Make an exact copy of all the entries below, with the pictures left out.
== Records supplied
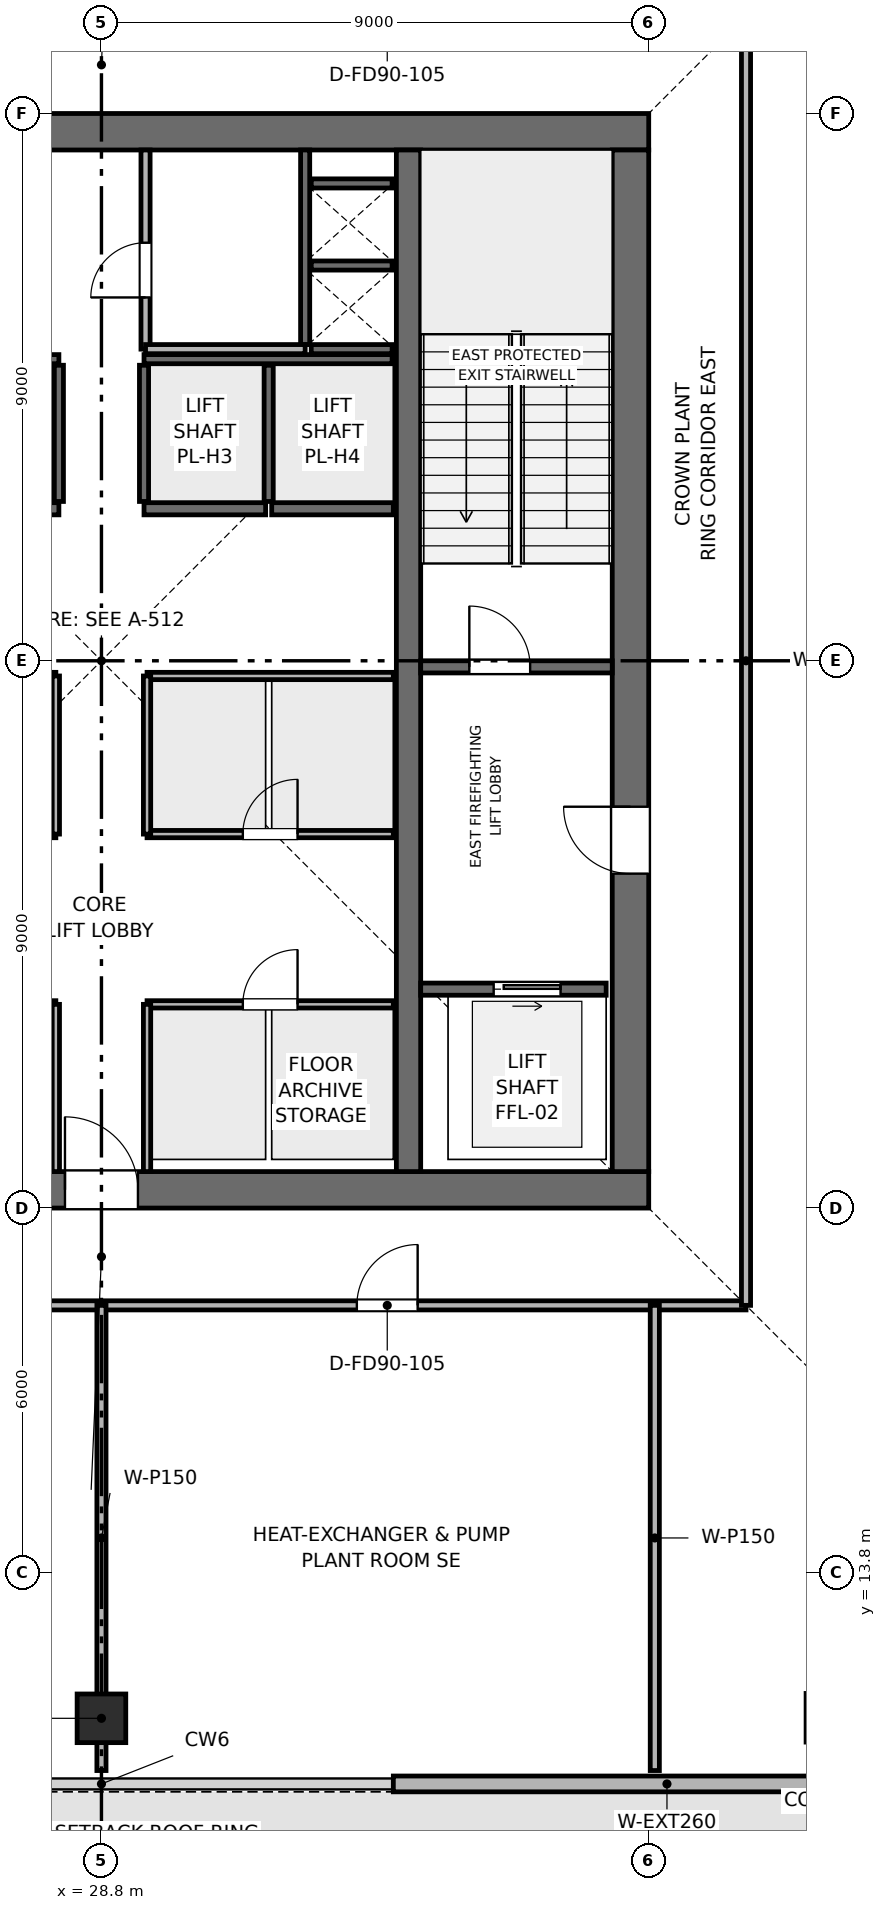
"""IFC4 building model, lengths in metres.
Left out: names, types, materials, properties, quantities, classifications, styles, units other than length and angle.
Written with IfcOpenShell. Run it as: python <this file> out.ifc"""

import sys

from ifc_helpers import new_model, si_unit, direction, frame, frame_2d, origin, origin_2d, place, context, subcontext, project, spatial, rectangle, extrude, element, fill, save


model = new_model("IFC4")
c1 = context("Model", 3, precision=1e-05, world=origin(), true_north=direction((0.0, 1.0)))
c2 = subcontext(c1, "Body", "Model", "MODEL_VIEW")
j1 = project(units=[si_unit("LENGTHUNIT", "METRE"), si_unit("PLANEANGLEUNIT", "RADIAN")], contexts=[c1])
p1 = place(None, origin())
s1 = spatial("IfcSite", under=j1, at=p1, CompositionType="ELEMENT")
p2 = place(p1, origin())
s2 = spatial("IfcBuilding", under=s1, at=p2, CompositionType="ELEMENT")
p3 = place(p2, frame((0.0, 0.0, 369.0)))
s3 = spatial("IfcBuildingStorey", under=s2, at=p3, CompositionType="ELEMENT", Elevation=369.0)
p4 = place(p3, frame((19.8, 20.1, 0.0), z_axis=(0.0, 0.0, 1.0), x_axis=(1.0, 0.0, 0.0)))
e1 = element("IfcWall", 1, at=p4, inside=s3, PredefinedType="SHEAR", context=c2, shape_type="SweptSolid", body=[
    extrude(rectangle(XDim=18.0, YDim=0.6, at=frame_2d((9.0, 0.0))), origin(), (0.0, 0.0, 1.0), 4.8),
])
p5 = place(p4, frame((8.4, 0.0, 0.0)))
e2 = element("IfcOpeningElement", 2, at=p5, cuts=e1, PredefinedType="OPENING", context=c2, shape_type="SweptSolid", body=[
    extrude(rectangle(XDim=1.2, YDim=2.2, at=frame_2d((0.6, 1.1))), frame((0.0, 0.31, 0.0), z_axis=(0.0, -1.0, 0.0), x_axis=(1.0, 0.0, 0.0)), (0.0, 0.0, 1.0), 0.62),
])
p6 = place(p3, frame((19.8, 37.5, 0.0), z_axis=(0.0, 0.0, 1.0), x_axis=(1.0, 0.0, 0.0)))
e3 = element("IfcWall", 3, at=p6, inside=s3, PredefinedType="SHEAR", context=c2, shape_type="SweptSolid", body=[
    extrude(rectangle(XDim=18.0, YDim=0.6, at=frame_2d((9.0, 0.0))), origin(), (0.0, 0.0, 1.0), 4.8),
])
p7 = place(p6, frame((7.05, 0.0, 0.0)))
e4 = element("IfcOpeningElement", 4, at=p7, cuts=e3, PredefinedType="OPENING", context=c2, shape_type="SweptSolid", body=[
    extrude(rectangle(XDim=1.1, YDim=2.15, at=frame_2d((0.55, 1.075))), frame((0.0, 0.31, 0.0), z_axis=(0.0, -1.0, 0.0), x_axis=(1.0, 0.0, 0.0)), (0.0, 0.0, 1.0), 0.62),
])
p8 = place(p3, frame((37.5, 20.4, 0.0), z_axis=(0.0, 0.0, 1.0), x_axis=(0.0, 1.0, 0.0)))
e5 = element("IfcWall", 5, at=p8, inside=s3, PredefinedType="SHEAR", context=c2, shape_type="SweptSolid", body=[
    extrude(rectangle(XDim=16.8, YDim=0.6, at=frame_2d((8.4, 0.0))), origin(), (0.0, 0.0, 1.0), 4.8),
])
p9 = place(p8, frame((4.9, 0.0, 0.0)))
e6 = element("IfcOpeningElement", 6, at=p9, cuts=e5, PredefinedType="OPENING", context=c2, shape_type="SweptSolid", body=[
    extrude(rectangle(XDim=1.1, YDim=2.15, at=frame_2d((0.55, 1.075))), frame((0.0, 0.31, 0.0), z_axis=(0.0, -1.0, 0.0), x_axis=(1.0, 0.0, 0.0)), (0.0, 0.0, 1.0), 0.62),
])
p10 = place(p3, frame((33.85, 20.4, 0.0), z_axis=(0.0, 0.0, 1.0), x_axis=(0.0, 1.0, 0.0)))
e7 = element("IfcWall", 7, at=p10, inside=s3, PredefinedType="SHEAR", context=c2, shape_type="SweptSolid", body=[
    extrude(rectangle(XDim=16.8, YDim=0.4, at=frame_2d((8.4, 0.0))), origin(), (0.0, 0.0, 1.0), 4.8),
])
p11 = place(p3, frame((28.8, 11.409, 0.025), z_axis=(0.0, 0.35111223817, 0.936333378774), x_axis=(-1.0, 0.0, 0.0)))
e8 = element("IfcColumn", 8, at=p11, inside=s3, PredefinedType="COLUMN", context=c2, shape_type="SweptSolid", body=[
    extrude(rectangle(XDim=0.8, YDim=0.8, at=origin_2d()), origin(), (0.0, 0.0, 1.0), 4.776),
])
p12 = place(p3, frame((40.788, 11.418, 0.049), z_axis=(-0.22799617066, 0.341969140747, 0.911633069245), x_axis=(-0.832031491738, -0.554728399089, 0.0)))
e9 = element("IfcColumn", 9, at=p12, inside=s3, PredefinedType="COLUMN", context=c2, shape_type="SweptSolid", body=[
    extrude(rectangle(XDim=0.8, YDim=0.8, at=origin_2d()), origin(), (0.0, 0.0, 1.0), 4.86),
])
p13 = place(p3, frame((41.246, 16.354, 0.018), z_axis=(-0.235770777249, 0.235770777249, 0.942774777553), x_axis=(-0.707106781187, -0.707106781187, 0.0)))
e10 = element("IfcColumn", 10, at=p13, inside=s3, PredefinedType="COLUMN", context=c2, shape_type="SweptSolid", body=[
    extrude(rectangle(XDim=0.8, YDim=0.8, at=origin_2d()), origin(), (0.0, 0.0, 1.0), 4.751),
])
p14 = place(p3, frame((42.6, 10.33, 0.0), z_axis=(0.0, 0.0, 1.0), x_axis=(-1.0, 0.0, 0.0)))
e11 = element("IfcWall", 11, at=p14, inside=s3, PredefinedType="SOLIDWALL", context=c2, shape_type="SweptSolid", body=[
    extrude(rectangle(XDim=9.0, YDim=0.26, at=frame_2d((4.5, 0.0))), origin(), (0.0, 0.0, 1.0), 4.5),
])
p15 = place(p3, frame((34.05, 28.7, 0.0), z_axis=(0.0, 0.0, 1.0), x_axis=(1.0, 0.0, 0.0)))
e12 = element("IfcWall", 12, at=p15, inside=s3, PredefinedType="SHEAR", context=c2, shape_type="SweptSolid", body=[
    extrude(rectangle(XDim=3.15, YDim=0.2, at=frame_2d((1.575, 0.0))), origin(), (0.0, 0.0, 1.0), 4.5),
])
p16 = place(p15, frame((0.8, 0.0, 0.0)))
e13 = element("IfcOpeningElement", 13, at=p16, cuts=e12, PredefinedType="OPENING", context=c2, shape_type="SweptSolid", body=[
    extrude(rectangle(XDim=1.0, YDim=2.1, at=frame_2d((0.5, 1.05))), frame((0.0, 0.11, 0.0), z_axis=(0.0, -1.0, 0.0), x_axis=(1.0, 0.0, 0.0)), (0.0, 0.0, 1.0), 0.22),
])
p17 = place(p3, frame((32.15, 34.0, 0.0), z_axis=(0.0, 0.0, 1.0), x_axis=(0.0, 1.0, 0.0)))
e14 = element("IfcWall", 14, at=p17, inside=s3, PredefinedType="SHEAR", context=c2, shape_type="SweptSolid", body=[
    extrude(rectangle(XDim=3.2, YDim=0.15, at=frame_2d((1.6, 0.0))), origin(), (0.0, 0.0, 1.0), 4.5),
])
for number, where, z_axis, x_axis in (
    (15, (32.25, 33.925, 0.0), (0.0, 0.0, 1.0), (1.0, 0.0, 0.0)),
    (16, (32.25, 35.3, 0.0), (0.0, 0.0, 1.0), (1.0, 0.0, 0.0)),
====
● Final answer
"""IFC4 building model, lengths in metres.
Left out: names, types, materials, properties, quantities, classifications, styles, units other than length and angle.
Written with IfcOpenShell. Run it as: python <this file> out.ifc"""

import sys

from ifc_helpers import new_model, si_unit, direction, frame, frame_2d, origin, origin_2d, place, context, subcontext, project, spatial, rectangle, extrude, element, fill, save


model = new_model("IFC4")
c1 = context("Model", 3, precision=1e-05, world=origin(), true_north=direction((0.0, 1.0)))
c2 = subcontext(c1, "Body", "Model", "MODEL_VIEW")
j1 = project(units=[si_unit("LENGTHUNIT", "METRE"), si_unit("PLANEANGLEUNIT", "RADIAN")], contexts=[c1])
p1 = place(None, origin())
s1 = spatial("IfcSite", under=j1, at=p1, CompositionType="ELEMENT")
p2 = place(p1, origin())
s2 = spatial("IfcBuilding", under=s1, at=p2, CompositionType="ELEMENT")
p3 = place(p2, frame((0.0, 0.0, 369.0)))
s3 = spatial("IfcBuildingStorey", under=s2, at=p3, CompositionType="ELEMENT", Elevation=369.0)
p4 = place(p3, frame((19.8, 20.1, 0.0), z_axis=(0.0, 0.0, 1.0), x_axis=(1.0, 0.0, 0.0)))
e1 = element("IfcWall", 1, at=p4, inside=s3, PredefinedType="SHEAR", context=c2, shape_type="SweptSolid", body=[
    extrude(rectangle(XDim=18.0, YDim=0.6, at=frame_2d((9.0, 0.0))), origin(), (0.0, 0.0, 1.0), 4.8),
])
p5 = place(p4, frame((8.4, 0.0, 0.0)))
e2 = element("IfcOpeningElement", 2, at=p5, cuts=e1, PredefinedType="OPENING", context=c2, shape_type="SweptSolid", body=[
    extrude(rectangle(XDim=1.2, YDim=2.2, at=frame_2d((0.6, 1.1))), frame((0.0, 0.31, 0.0), z_axis=(0.0, -1.0, 0.0), x_axis=(1.0, 0.0, 0.0)), (0.0, 0.0, 1.0), 0.62),
])
p6 = place(p3, frame((19.8, 37.5, 0.0), z_axis=(0.0, 0.0, 1.0), x_axis=(1.0, 0.0, 0.0)))
e3 = element("IfcWall", 3, at=p6, inside=s3, PredefinedType="SHEAR", context=c2, shape_type="SweptSolid", body=[
    extrude(rectangle(XDim=18.0, YDim=0.6, at=frame_2d((9.0, 0.0))), origin(), (0.0, 0.0, 1.0), 4.8),
])
p7 = place(p6, frame((7.05, 0.0, 0.0)))
e4 = element("IfcOpeningElement", 4, at=p7, cuts=e3, PredefinedType="OPENING", context=c2, shape_type="SweptSolid", body=[
    extrude(rectangle(XDim=1.1, YDim=2.15, at=frame_2d((0.55, 1.075))), frame((0.0, 0.31, 0.0), z_axis=(0.0, -1.0, 0.0), x_axis=(1.0, 0.0, 0.0)), (0.0, 0.0, 1.0), 0.62),
])
p8 = place(p3, frame((37.5, 20.4, 0.0), z_axis=(0.0, 0.0, 1.0), x_axis=(0.0, 1.0, 0.0)))
e5 = element("IfcWall", 5, at=p8, inside=s3, PredefinedType="SHEAR", context=c2, shape_type="SweptSolid", body=[
    extrude(rectangle(XDim=16.8, YDim=0.6, at=frame_2d((8.4, 0.0))), origin(), (0.0, 0.0, 1.0), 4.8),
])
p9 = place(p8, frame((4.9, 0.0, 0.0)))
e6 = element("IfcOpeningElement", 6, at=p9, cuts=e5, PredefinedType="OPENING", context=c2, shape_type="SweptSolid", body=[
    extrude(rectangle(XDim=1.1, YDim=2.15, at=frame_2d((0.55, 1.075))), frame((0.0, 0.31, 0.0), z_axis=(0.0, -1.0, 0.0), x_axis=(1.0, 0.0, 0.0)), (0.0, 0.0, 1.0), 0.62),
])
p10 = place(p3, frame((33.85, 20.4, 0.0), z_axis=(0.0, 0.0, 1.0), x_axis=(0.0, 1.0, 0.0)))
e7 = element("IfcWall", 7, at=p10, inside=s3, PredefinedType="SHEAR", context=c2, shape_type="SweptSolid", body=[
    extrude(rectangle(XDim=16.8, YDim=0.4, at=frame_2d((8.4, 0.0))), origin(), (0.0, 0.0, 1.0), 4.8),
])
p11 = place(p3, frame((28.8, 11.409, 0.025), z_axis=(0.0, 0.35111223817, 0.936333378774), x_axis=(-1.0, 0.0, 0.0)))
e8 = element("IfcColumn", 8, at=p11, inside=s3, PredefinedType="COLUMN", context=c2, shape_type="SweptSolid", body=[
    extrude(rectangle(XDim=0.8, YDim=0.8, at=origin_2d()), origin(), (0.0, 0.0, 1.0), 4.776),
])
p12 = place(p3, frame((40.788, 11.418, 0.049), z_axis=(-0.22799617066, 0.341969140747, 0.911633069245), x_axis=(-0.832031491738, -0.554728399089, 0.0)))
e9 = element("IfcColumn", 9, at=p12, inside=s3, PredefinedType="COLUMN", context=c2, shape_type="SweptSolid", body=[
    extrude(rectangle(XDim=0.8, YDim=0.8, at=origin_2d()), origin(), (0.0, 0.0, 1.0), 4.86),
])
p13 = place(p3, frame((41.246, 16.354, 0.018), z_axis=(-0.235770777249, 0.235770777249, 0.942774777553), x_axis=(-0.707106781187, -0.707106781187, 0.0)))
e10 = element("IfcColumn", 10, at=p13, inside=s3, PredefinedType="COLUMN", context=c2, shape_type="SweptSolid", body=[
    extrude(rectangle(XDim=0.8, YDim=0.8, at=origin_2d()), origin(), (0.0, 0.0, 1.0), 4.751),
])
p14 = place(p3, frame((42.6, 10.33, 0.0), z_axis=(0.0, 0.0, 1.0), x_axis=(-1.0, 0.0, 0.0)))
e11 = element("IfcWall", 11, at=p14, inside=s3, PredefinedType="SOLIDWALL", context=c2, shape_type="SweptSolid", body=[
    extrude(rectangle(XDim=9.0, YDim=0.26, at=frame_2d((4.5, 0.0))), origin(), (0.0, 0.0, 1.0), 4.5),
])
p15 = place(p3, frame((34.05, 28.7, 0.0), z_axis=(0.0, 0.0, 1.0), x_axis=(1.0, 0.0, 0.0)))
e12 = element("IfcWall", 12, at=p15, inside=s3, PredefinedType="SHEAR", context=c2, shape_type="SweptSolid", body=[
    extrude(rectangle(XDim=3.15, YDim=0.2, at=frame_2d((1.575, 0.0))), origin(), (0.0, 0.0, 1.0), 4.5),
])
p16 = place(p15, frame((0.8, 0.0, 0.0)))
e13 = element("IfcOpeningElement", 13, at=p16, cuts=e12, PredefinedType="OPENING", context=c2, shape_type="SweptSolid", body=[
    extrude(rectangle(XDim=1.0, YDim=2.1, at=frame_2d((0.5, 1.05))), frame((0.0, 0.11, 0.0), z_axis=(0.0, -1.0, 0.0), x_axis=(1.0, 0.0, 0.0)), (0.0, 0.0, 1.0), 0.22),
])
p17 = place(p3, frame((32.15, 34.0, 0.0), z_axis=(0.0, 0.0, 1.0), x_axis=(0.0, 1.0, 0.0)))
e14 = element("IfcWall", 14, at=p17, inside=s3, PredefinedType="SHEAR", context=c2, shape_type="SweptSolid", body=[
    extrude(rectangle(XDim=3.2, YDim=0.15, at=frame_2d((1.6, 0.0))), origin(), (0.0, 0.0, 1.0), 4.5),
])
for number, where, z_axis, x_axis in (
    (15, (32.25, 33.925, 0.0), (0.0, 0.0, 1.0), (1.0, 0.0, 0.0)),
    (16, (32.25, 35.3, 0.0), (0.0, 0.0, 1.0), (1.0, 0.0, 0.0)),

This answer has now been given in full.